### Extracted material:
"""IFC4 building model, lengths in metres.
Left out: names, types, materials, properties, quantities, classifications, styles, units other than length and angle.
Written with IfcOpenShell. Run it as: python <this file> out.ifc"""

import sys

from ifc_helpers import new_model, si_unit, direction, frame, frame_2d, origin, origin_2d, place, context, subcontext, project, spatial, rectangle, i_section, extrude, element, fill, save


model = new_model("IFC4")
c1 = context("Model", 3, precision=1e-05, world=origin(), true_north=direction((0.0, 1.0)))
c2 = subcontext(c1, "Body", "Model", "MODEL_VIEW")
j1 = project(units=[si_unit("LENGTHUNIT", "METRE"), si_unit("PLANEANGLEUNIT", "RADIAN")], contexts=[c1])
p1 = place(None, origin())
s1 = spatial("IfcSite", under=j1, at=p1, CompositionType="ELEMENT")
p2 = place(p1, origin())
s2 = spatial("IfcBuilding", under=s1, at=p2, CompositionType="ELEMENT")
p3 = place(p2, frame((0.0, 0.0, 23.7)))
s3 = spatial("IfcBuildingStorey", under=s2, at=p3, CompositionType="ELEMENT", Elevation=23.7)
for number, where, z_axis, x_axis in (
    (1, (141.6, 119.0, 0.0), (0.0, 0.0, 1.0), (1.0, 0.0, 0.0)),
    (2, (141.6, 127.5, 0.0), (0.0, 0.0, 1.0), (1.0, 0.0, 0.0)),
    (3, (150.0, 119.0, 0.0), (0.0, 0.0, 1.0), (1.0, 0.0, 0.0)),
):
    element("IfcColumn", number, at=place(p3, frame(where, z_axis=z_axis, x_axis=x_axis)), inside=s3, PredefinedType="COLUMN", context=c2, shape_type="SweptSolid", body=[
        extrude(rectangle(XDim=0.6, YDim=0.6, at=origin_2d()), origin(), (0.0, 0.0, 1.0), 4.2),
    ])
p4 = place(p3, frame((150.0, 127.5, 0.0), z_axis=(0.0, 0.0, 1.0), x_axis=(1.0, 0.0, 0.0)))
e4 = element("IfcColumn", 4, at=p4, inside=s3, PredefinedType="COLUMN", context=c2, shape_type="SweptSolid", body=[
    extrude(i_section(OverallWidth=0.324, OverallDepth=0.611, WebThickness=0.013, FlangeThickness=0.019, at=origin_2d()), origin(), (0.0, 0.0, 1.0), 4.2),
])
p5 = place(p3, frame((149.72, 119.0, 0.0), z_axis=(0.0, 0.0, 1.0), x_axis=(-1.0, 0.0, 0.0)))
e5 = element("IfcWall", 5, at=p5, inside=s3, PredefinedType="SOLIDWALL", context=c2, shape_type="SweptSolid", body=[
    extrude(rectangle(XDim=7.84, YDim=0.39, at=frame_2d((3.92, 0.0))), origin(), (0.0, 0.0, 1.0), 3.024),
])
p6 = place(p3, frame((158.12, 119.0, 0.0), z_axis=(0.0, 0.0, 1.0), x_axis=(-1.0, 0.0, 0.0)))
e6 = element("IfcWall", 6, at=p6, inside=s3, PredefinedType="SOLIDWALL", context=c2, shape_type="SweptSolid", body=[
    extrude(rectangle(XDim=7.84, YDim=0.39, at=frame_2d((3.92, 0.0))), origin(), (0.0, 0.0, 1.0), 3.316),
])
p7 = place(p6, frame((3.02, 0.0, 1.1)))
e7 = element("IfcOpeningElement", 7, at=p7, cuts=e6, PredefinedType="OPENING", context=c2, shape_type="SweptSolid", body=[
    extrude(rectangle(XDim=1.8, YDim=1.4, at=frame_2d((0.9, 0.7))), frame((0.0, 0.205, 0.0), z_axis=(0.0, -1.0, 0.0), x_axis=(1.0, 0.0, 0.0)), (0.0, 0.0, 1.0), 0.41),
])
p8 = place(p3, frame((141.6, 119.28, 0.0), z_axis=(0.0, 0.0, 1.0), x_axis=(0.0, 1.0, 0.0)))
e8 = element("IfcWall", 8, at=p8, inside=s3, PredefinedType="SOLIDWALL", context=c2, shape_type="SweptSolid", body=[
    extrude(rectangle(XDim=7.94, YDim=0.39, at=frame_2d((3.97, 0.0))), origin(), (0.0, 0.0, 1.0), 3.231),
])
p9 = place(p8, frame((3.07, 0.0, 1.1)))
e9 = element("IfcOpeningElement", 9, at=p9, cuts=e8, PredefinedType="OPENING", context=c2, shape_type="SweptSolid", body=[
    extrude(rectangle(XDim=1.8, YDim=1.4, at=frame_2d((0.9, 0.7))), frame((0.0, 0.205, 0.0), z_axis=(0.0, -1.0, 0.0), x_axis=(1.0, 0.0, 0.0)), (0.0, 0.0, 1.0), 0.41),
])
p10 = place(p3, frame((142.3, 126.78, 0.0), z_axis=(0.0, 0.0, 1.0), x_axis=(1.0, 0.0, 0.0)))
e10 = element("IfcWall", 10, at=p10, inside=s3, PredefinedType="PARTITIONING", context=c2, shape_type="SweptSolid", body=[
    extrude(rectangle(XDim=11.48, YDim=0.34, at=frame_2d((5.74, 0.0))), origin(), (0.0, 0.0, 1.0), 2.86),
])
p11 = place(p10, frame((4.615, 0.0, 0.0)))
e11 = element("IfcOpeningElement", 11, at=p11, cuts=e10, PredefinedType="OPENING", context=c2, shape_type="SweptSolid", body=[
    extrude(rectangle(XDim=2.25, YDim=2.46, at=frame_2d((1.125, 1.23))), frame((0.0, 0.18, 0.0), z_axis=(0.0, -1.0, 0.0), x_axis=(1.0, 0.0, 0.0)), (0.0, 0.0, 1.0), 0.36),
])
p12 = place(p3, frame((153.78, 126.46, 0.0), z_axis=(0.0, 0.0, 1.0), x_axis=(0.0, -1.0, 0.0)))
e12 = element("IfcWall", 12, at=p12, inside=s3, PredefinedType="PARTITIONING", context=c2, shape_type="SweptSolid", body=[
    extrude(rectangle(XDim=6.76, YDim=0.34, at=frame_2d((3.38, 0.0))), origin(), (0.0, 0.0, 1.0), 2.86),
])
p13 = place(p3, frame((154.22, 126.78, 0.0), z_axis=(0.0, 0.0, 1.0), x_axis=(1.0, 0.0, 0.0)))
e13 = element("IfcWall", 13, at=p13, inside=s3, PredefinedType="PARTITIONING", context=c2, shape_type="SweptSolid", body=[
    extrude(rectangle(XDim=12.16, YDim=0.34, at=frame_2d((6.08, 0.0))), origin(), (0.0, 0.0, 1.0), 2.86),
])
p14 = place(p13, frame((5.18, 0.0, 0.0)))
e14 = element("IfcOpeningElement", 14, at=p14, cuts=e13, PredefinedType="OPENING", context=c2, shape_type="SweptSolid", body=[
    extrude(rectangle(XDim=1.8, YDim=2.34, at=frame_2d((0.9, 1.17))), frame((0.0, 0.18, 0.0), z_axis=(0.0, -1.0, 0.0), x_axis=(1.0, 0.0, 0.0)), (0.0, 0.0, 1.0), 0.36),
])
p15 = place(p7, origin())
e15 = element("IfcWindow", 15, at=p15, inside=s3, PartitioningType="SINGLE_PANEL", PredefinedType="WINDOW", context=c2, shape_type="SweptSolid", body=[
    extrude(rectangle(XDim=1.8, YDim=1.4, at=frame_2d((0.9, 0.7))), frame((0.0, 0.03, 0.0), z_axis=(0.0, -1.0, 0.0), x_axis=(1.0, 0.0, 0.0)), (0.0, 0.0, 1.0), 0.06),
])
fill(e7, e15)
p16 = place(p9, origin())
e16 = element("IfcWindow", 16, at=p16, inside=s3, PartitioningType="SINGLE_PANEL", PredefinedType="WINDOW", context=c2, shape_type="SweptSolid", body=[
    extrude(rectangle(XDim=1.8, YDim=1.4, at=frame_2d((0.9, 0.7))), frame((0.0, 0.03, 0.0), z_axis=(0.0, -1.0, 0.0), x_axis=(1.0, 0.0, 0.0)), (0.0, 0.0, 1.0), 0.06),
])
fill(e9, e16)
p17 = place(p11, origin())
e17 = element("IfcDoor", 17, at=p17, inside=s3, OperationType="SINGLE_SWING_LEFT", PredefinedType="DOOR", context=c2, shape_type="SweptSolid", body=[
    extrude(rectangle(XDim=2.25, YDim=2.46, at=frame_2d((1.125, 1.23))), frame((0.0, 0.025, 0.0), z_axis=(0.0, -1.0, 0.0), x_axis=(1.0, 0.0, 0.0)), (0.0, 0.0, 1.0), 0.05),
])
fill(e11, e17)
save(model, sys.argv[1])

### What is needed:
When the word "WINDOW" occurs in a line above, list that line.

### The answer:
e15 = element("IfcWindow", 15, at=p15, inside=s3, PartitioningType="SINGLE_PANEL", PredefinedType="WINDOW", context=c2, shape_type="SweptSolid", body=[
e16 = element("IfcWindow", 16, at=p16, inside=s3, PartitioningType="SINGLE_PANEL", PredefinedType="WINDOW", context=c2, shape_type="SweptSolid", body=[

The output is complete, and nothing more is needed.